- **Exercise brief**
Within this material, how many lines include the word "source"? Answer with a number and nothing more.

- **Dataset excerpts**
☆ ☆ ☆ ☆ ☆ ☆ ☆

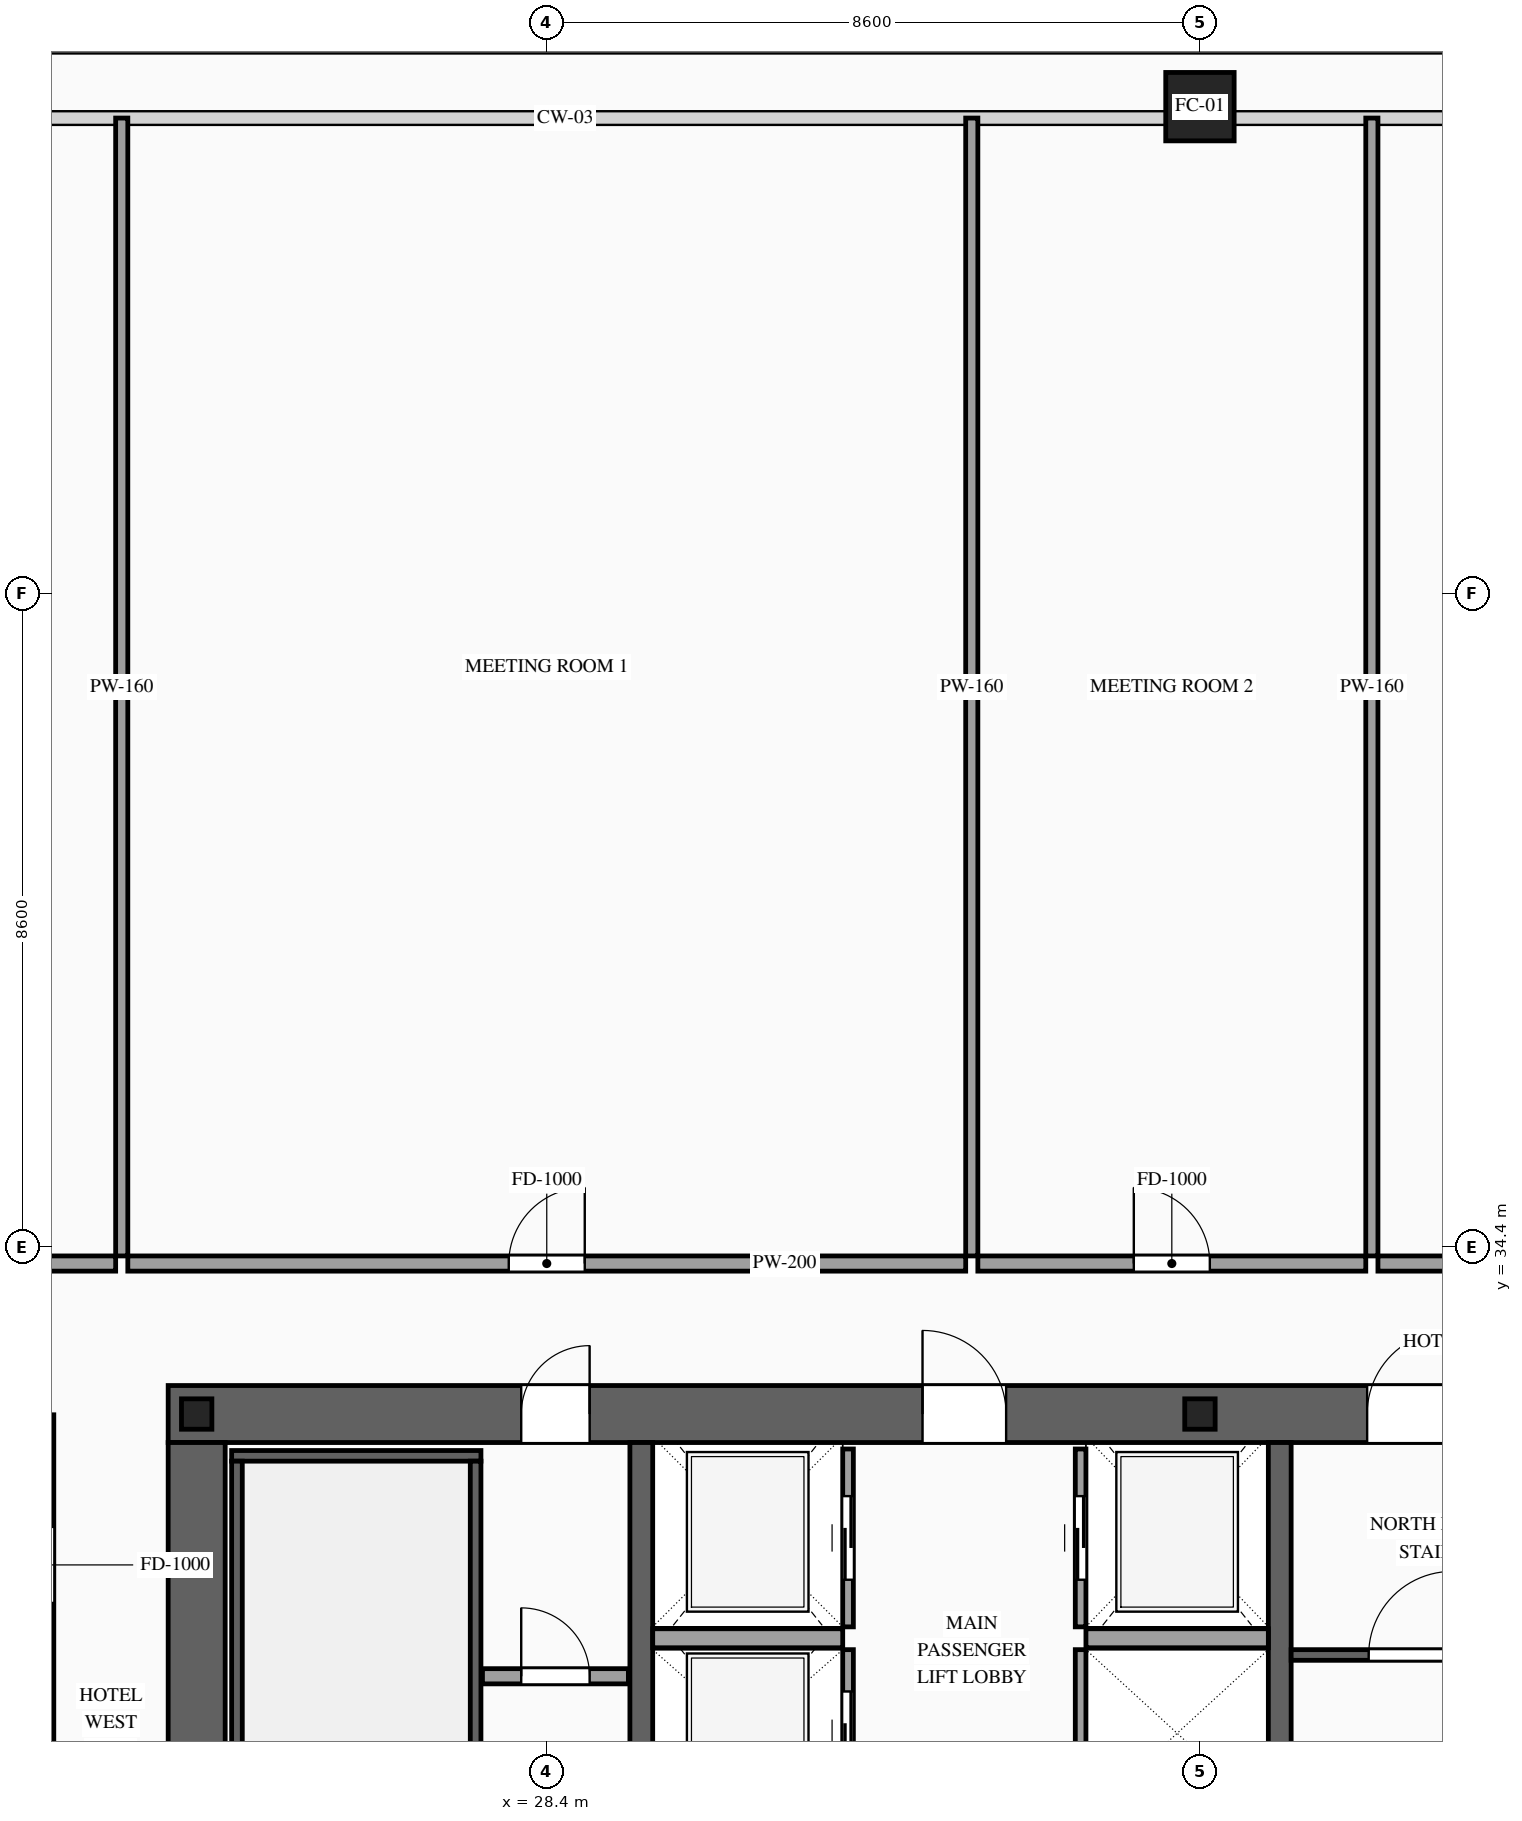
"""IFC4 building model, lengths in metres.
Left out: names, types, materials, properties, quantities, classifications, styles, units other than length and angle.
Written with IfcOpenShell. Run it as: python <this file> out.ifc"""

import sys

from ifc_helpers import new_model, si_unit, direction, frame, frame_2d, origin, origin_2d, place, context, subcontext, project, spatial, rectangle, hollow_rectangle, i_section, extrude, source, transform, mapped, element, fill, save


model = new_model("IFC4")
c1 = context("Model", 3, precision=1e-05, world=origin(), true_north=direction((0.0, 1.0)))
c2 = subcontext(c1, "Body", "Model", "MODEL_VIEW")
j1 = project(units=[si_unit("LENGTHUNIT", "METRE"), si_unit("PLANEANGLEUNIT", "RADIAN")], contexts=[c1])
p1 = place(None, origin())
s1 = spatial("IfcSite", under=j1, at=p1, CompositionType="ELEMENT")
p2 = place(p1, origin())
s2 = spatial("IfcBuilding", under=s1, at=p2, CompositionType="ELEMENT")
p3 = place(p2, frame((0.0, 0.0, 141.6)))
s3 = spatial("IfcBuildingStorey", under=s2, at=p3, CompositionType="ELEMENT", Elevation=141.6)
p4 = place(p3, frame((23.425, 32.2, 0.0), z_axis=(0.0, 0.0, 1.0), x_axis=(1.0, 0.0, 0.0)))
e1 = element("IfcWall", 1, at=p4, inside=s3, PredefinedType="SHEAR", context=c2, shape_type="SweptSolid", body=[
    extrude(rectangle(XDim=27.15, YDim=0.75, at=frame_2d((13.575, 0.0))), origin(), (0.0, 0.0, 1.0), 3.6),
])
p5 = place(p4, frame((4.645, 0.0, 0.0)))
e2 = element("IfcOpeningElement", 2, at=p5, cuts=e1, PredefinedType="OPENING", context=c2, shape_type="SweptSolid", body=[
    extrude(rectangle(XDim=0.9, YDim=2.15, at=frame_2d((0.45, 1.075))), frame((0.0, 0.39, 0.0), z_axis=(0.0, -1.0, 0.0), x_axis=(1.0, 0.0, 0.0)), (0.0, 0.0, 1.0), 0.78),
])
p6 = place(p4, frame((9.925, 0.0, 0.0)))
e3 = element("IfcOpeningElement", 3, at=p6, cuts=e1, PredefinedType="OPENING", context=c2, shape_type="SweptSolid", body=[
    extrude(rectangle(XDim=1.1, YDim=2.2, at=frame_2d((0.55, 1.1))), frame((0.0, 0.39, 0.0), z_axis=(0.0, -1.0, 0.0), x_axis=(1.0, 0.0, 0.0)), (0.0, 0.0, 1.0), 0.78),
])
p7 = place(p4, frame((15.775, 0.0, 0.0)))
e4 = element("IfcOpeningElement", 4, at=p7, cuts=e1, PredefinedType="OPENING", context=c2, shape_type="SweptSolid", body=[
    extrude(rectangle(XDim=1.1, YDim=2.2, at=frame_2d((0.55, 1.1))), frame((0.0, 0.39, 0.0), z_axis=(0.0, -1.0, 0.0), x_axis=(1.0, 0.0, 0.0)), (0.0, 0.0, 1.0), 0.78),
])
p8 = place(p4, frame((18.975, 0.0, 0.0)))
e5 = element("IfcOpeningElement", 5, at=p8, cuts=e1, PredefinedType="OPENING", context=c2, shape_type="SweptSolid", body=[
    extrude(rectangle(XDim=0.9, YDim=2.15, at=frame_2d((0.45, 1.075))), frame((0.0, 0.39, 0.0), z_axis=(0.0, -1.0, 0.0), x_axis=(1.0, 0.0, 0.0)), (0.0, 0.0, 1.0), 0.78),
])
m1 = source(origin(), c2, "Body", "SweptSolid", [
    extrude(rectangle(XDim=12.05, YDim=0.75, at=frame_2d((6.025, 0.0))), origin(), (0.0, 0.0, 1.0), 3.6),
])
p9 = place(p3, frame((23.8, 19.775, 0.0), z_axis=(0.0, 0.0, 1.0), x_axis=(0.0, 1.0, 0.0)))
e6 = element("IfcWall", 6, at=p9, inside=s3, PredefinedType="SHEAR", context=c2, shape_type="MappedRepresentation", body=[
    mapped(m1, transform((0.0, 0.0, 0.0), scale=1.0)),
])
m2 = source(origin(), c2, "Body", "SweptSolid", [
    extrude(rectangle(XDim=12.05, YDim=0.3, at=frame_2d((6.025, 0.0))), origin(), (0.0, 0.0, 1.0), 3.6),
])
for number, where, z_axis, x_axis in (
    (7, (29.65, 19.775, 0.0), (0.0, 0.0, 1.0), (0.0, 1.0, 0.0)),
    (8, (38.05, 19.775, 0.0), (0.0, 0.0, 1.0), (0.0, 1.0, 0.0)),
):
    element("IfcWall", number, at=place(p3, frame(where, z_axis=z_axis, x_axis=x_axis)), inside=s3, PredefinedType="SOLIDWALL", context=c2, shape_type="MappedRepresentation", body=[
        mapped(m2, transform((0.0, 0.0, 0.0), scale=1.0)),
    ])
m3 = source(origin(), c2, "Body", "SweptSolid", [
    extrude(i_section(OverallWidth=0.4, OverallDepth=0.4, WebThickness=0.013, FlangeThickness=0.021, at=origin_2d()), origin(), (0.0, 0.0, 1.0), 3.6),
])
for number, where, z_axis, x_axis in (
    (9, (23.8, 32.2, 0.0), (0.0, 0.0, 1.0), (1.0, 0.0, 0.0)),
    (10, (37.0, 32.2, 0.0), (0.0, 0.0, 1.0), (1.0, 0.0, 0.0)),
):
    element("IfcColumn", number, at=place(p3, frame(where, z_axis=z_axis, x_axis=x_axis)), inside=s3, PredefinedType="COLUMN", context=c2, shape_type="MappedRepresentation", body=[
        mapped(m3, transform((0.0, 0.0, 0.0), scale=1.0)),
    ])
m4 = source(origin(), c2, "Body", "SweptSolid", [
    extrude(hollow_rectangle(XDim=0.9, YDim=0.9, WallThickness=0.042, at=origin_2d()), origin(), (0.0, 0.0, 1.0), 3.6),
])
p10 = place(p3, frame((37.0, 49.4, 0.0), z_axis=(0.0, 0.0, 1.0), x_axis=(1.0, 0.0, 0.0)))
e11 = element("IfcColumn", 11, at=p10, inside=s3, PredefinedType="COLUMN", context=c2, shape_type="MappedRepresentation", body=[
    mapped(m4, transform((0.0, 0.0, 0.0), scale=1.0)),
])
p11 = place(p3, frame((32.37, 26.9, 0.0), z_axis=(0.0, 0.0, 1.0), x_axis=(0.0, 1.0, 0.0)))
e12 = element("IfcWall", 12, at=p11, inside=s3, PredefinedType="SOLIDWALL", context=c2, shape_type="SweptSolid", body=[
    extrude(rectangle(XDim=2.2, YDim=0.14, at=frame_2d((1.1, 0.0))), origin(), (0.0, 0.0, 1.0), 3.38),
])
p12 = place(p11, frame((0.55, 0.0, 0.0)))
e13 = element("IfcOpeningElement", 13, at=p12, cuts=e12, PredefinedType="OPENING", context=c2, shape_type="SweptSolid", body=[
    extrude(rectangle(XDim=1.1, YDim=2.2, at=frame_2d((0.55, 1.1))), frame((0.0, 0.085, 0.0), z_axis=(0.0, -1.0, 0.0), x_axis=(1.0, 0.0, 0.0)), (0.0, 0.0, 1.0), 0.17),
])
p13 = place(p3, frame((32.37, 29.4, 0.0), z_axis=(0.0, 0.0, 1.0), x_axis=(0.0, 1.0, 0.0)))
e14 = element("IfcWall", 14, at=p13, inside=s3, PredefinedType="SOLIDWALL", context=c2, shape_type="SweptSolid", body=[
    extrude(rectangle(XDim=2.34, YDim=0.14, at=frame_2d((1.17, 0.0))), origin(), (0.0, 0.0, 1.0), 3.38),
])
p14 = place(p13, frame((0.62, 0.0, 0.0)))
e15 = element("IfcOpeningElement", 15, at=p14, cuts=e14, PredefinedType="OPENING", context=c2, shape_type="SweptSolid", body=[
    extrude(rectangle(XDim=1.1, YDim=2.2, at=frame_2d((0.55, 1.1))), frame((0.0, 0.085, 0.0), z_axis=(0.0, -1.0, 0.0), x_axis=(1.0, 0.0, 0.0)), (0.0, 0.0, 1.0), 0.17),
])
m5 = source(origin(), c2, "Body", "SweptSolid", [
    extrude(rectangle(XDim=2.5, YDim=0.25, at=frame_2d((1.25, 0.0))), origin(), (0.0, 0.0, 1.0), 3.38),
])
p15 = place(p3, frame((29.8, 29.25, 0.0), z_axis=(0.0, 0.0, 1.0), x_axis=(1.0, 0.0, 0.0)))
e16 = element("IfcWall", 16, at=p15, inside=s3, PredefinedType="SOLIDWALL", context=c2, shape_type="MappedRepresentation", body=[
    mapped(m5, transform((0.0, 0.0, 0.0), scale=1.0)),
])
m6 = source(origin(), c2, "Body", "SweptSolid", [
    extrude(rectangle(XDim=2.2, YDim=0.14, at=frame_2d((1.1, 0.0))), origin(), (0.0, 0.0, 1.0), 3.38),
])
p16 = place(p3, frame((35.43, 26.9, 0.0), z_axis=(0.0, 0.0, 1.0), x_axis=(0.0, 1.0, 0.0)))
e17 = element("IfcWall", 17, at=p16, inside=s3, PredefinedType="SOLIDWALL", context=c2, shape_type="MappedRepresentation", body=[
    mapped(m6, transform((0.0, 0.0, 0.0), scale=1.0)),
])
p17 = place(p3, frame((35.43, 29.4, 0.0), z_axis=(0.0, 0.0, 1.0), x_axis=(0.0, 1.0, 0.0)))
e18 = element("IfcWall", 18, at=p17, inside=s3, PredefinedType="SOLIDWALL", context=c2, shape_type="SweptSolid", body=[
    extrude(rectangle(XDim=2.34, YDim=0.14, at=frame_2d((1.17, 0.0))), origin(), (0.0, 0.0, 1.0), 3.38),
])
p18 = place(p17, frame((0.62, 0.0, 0.0)))
e19 = element("IfcOpeningElement", 19, at=p18, cuts=e18, PredefinedType="OPENING", context=c2, shape_type="SweptSolid", body=[
    extrude(rectangle(XDim=1.1, YDim=2.2, at=frame_2d((0.55, 1.1))), frame((0.0, 0.085, 0.0), z_axis=(0.0, -1.0, 0.0), x_axis=(1.0, 0.0, 0.0)), (0.0, 0.0, 1.0), 0.17),
])
m7 = source(origin(), c2, "Body", "SweptSolid", [
    extrude(rectangle(XDim=2.4, YDim=0.25, at=frame_2d((1.2, 0.0))), origin(), (0.0, 0.0, 1.0), 3.38),
])
p19 = place(p3, frame((35.5, 29.25, 0.0), z_axis=(0.0, 0.0, 1.0), x_axis=(1.0, 0.0, 0.0)))
e20 = element("IfcWall", 20, at=p19, inside=s3, PredefinedType="SOLIDWALL", context=c2, shape_type="MappedRepresentation", body=[
    mapped(m7, transform((0.0, 0.0, 0.0), scale=1.0)),
])
m8 = source(origin(), c2, "Body", "SweptSolid", [
    extrude(rectangle(XDim=3.28, YDim=0.14, at=frame_2d((1.64, 0.0))), origin(), (0.0, 0.0, 1.0), 3.38),
])
p20 = place(p3, frame((24.26, 31.65, 0.0), z_axis=(0.0, 0.0, 1.0), x_axis=(1.0, 0.0, 0.0)))
e21 = element("IfcWall", 21, at=p20, inside=s3, PredefinedType="SOLIDWALL", context=c2, shape_type="MappedRepresentation", body=[
    mapped(m8, transform((0.0, 0.0, 0.0), scale=1.0)),
])
m9 = source(origin(), c2, "Body", "SweptSolid", [
    extrude(rectangle(XDim=8.94, YDim=0.14, at=frame_2d((4.47, 0.0))), origin(), (0.0, 0.0, 1.0), 3.38),
])
for number, where, z_axis, x_axis in (
    (22, (24.33, 22.64, 0.0), (0.0, 0.0, 1.0), (0.0, 1.0, 0.0)),
    (23, (27.47, 22.64, 0.0), (0.0, 0.0, 1.0), (0.0, 1.0, 0.0)),
):
    element("IfcWall", number, at=place(p3, frame(where, z_axis=z_axis, x_axis=x_axis)), inside=s3, PredefinedType="SOLIDWALL", context=c2, shape_type="MappedRepresentation", body=[
        mapped(m9, transform((0.0, 0.0, 0.0), scale=1.0)),
    ])
p21 = place(p3, frame((38.2, 29.03, 0.0), z_axis=(0.0, 0.0, 1.0), x_axis=(1.0, 0.0, 0.0)))
e24 = element("IfcWall", 24, at=p21, inside=s3, PredefinedType="SOLIDWALL", context=c2, shape_type="SweptSolid", body=[
    extrude(rectangle(XDim=3.14, YDim=0.14, at=frame_2d((1.57, 0.0))), origin(), (0.0, 0.0, 1.0), 3.38),
])
p22 = place(p21, frame((1.02, 0.0, 0.0)))
e25 = element("IfcOpeningElement", 25, at=p22, cuts=e24, PredefinedType="OPENING", context=c2, shape_type="SweptSolid", body=[
    extrude(rectangle(XDim=1.1, YDim=2.2, at=frame_2d((0.55, 1.1))), frame((0.0, 0.085, 0.0), z_axis=(0.0, -1.0, 0.0), x_axis=(1.0, 0.0, 0.0)), (0.0, 0.0, 1.0), 0.17),
])
p23 = place(p3, frame((27.56, 28.75, 0.0), z_axis=(0.0, 0.0, 1.0), x_axis=(1.0, 0.0, 0.0)))
e26 = element("IfcWall", 26, at=p23, inside=s3, PredefinedType="PARTITIONING", context=c2, shape_type="SweptSolid", body=[
    extrude(rectangle(XDim=1.92, YDim=0.2, at=frame_2d((0.96, 0.0))), origin(), (0.0, 0.0, 1.0), 3.38),
])
p24 = place(p23, frame((0.51, 0.0, 0.0)))
e27 = element("IfcOpeningElement", 27, at=p24, cuts=e26, PredefinedType="OPENING", context=c2, shape_type="SweptSolid", body=[
    extrude(rectangle(XDim=0.9, YDim=2.15, at=frame_2d((0.45, 1.075))), frame((0.0, 0.115, 0.0), z_axis=(0.0, -1.0, 0.0), x_axis=(1.0, 0.0, 0.0)), (0.0, 0.0, 1.0), 0.23),
])
p25 = place(p3, frame((16.44, 34.18, 0.0), z_axis=(0.0, 0.0, 1.0), x_axis=(1.0, 0.0, 0.0)))
e28 = element("IfcWall", 28, at=p25, inside=s3, PredefinedType="PARTITIONING", context=c2, shape_type="SweptSolid", body=[
    extrude(rectangle(XDim=6.294, YDim=0.2, at=frame_2d((3.147, 0.0))), origin(), (0.0, 0.0, 1.0), 3.38),
])
p26 = place(p25, frame((3.852, 0.0, 0.0)))
e29 = element("IfcOpeningElement", 29, at=p26, cuts=e28, PredefinedType="OPENING", context=c2, shape_type="SweptSolid", body=[
    extrude(rectangle(XDim=1.0, YDim=2.2, at=frame_2d((0.5, 1.1))), frame((0.0, 0.115, 0.0), z_axis=(0.0, -1.0, 0.0), x_axis=(1.0, 0.0, 0.0)), (0.0, 0.0, 1.0), 0.23),
])
m10 = source(origin(), c2, "Body", "SweptSolid", [
    extrude(rectangle(XDim=14.97, YDim=0.16, at=frame_2d((7.485, 0.0))), origin(), (0.0, 0.0, 1.0), 3.38),
])
p27 = place(p3, frame((22.814, 34.28, 0.0), z_axis=(0.0, 0.0, 1.0), x_axis=(0.0, 1.0, 0.0)))
e30 = element("IfcWall", 30, at=p27, inside=s3, PredefinedType="PARTITIONING", context=c2, shape_type="MappedRepresentation", body=[
    mapped(m10, transform((0.0, 0.0, 0.0), scale=1.0)),
])
p28 = place(p3, frame((22.894, 34.18, 0.0), z_axis=(0.0, 0.0, 1.0), x_axis=(1.0, 0.0, 0.0)))
e31 = element("IfcWall", 31, at=p28, inside=s3, PredefinedType="PARTITIONING", context=c2, shape_type="SweptSolid", body=[
    extrude(rectangle(XDim=11.024, YDim=0.2, at=frame_2d((5.512, 0.0))), origin(), (0.0, 0.0, 1.0), 3.38),
])
p29 = place(p28, frame((5.012, 0.0, 0.0)))
e32 = element("IfcOpeningElement", 32, at=p29, cuts=e31, PredefinedType="OPENING", context=c2, shape_type="SweptSolid", body=[
    extrude(rectangle(XDim=1.0, YDim=2.2, at=frame_2d((0.5, 1.1))), frame((0.0, 0.115, 0.0), z_axis=(0.0, -1.0, 0.0), x_axis=(1.0, 0.0, 0.0)), (0.0, 0.0, 1.0), 0.23),
])
p30 = place(p3, frame((33.998, 34.28, 0.0), z_axis=(0.0, 0.0, 1.0), x_axis=(0.0, 1.0, 0.0)))
e33 = element("IfcWall", 33, at=p30, inside=s3, PredefinedType="PARTITIONING", context=c2, shape_type="MappedRepresentation", body=[
    mapped(m10, transform((0.0, 0.0, 0.0), scale=1.0)),
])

☆ ☆ ☆ ☆ ☆ ☆ ☆

- **Solution to this task**
11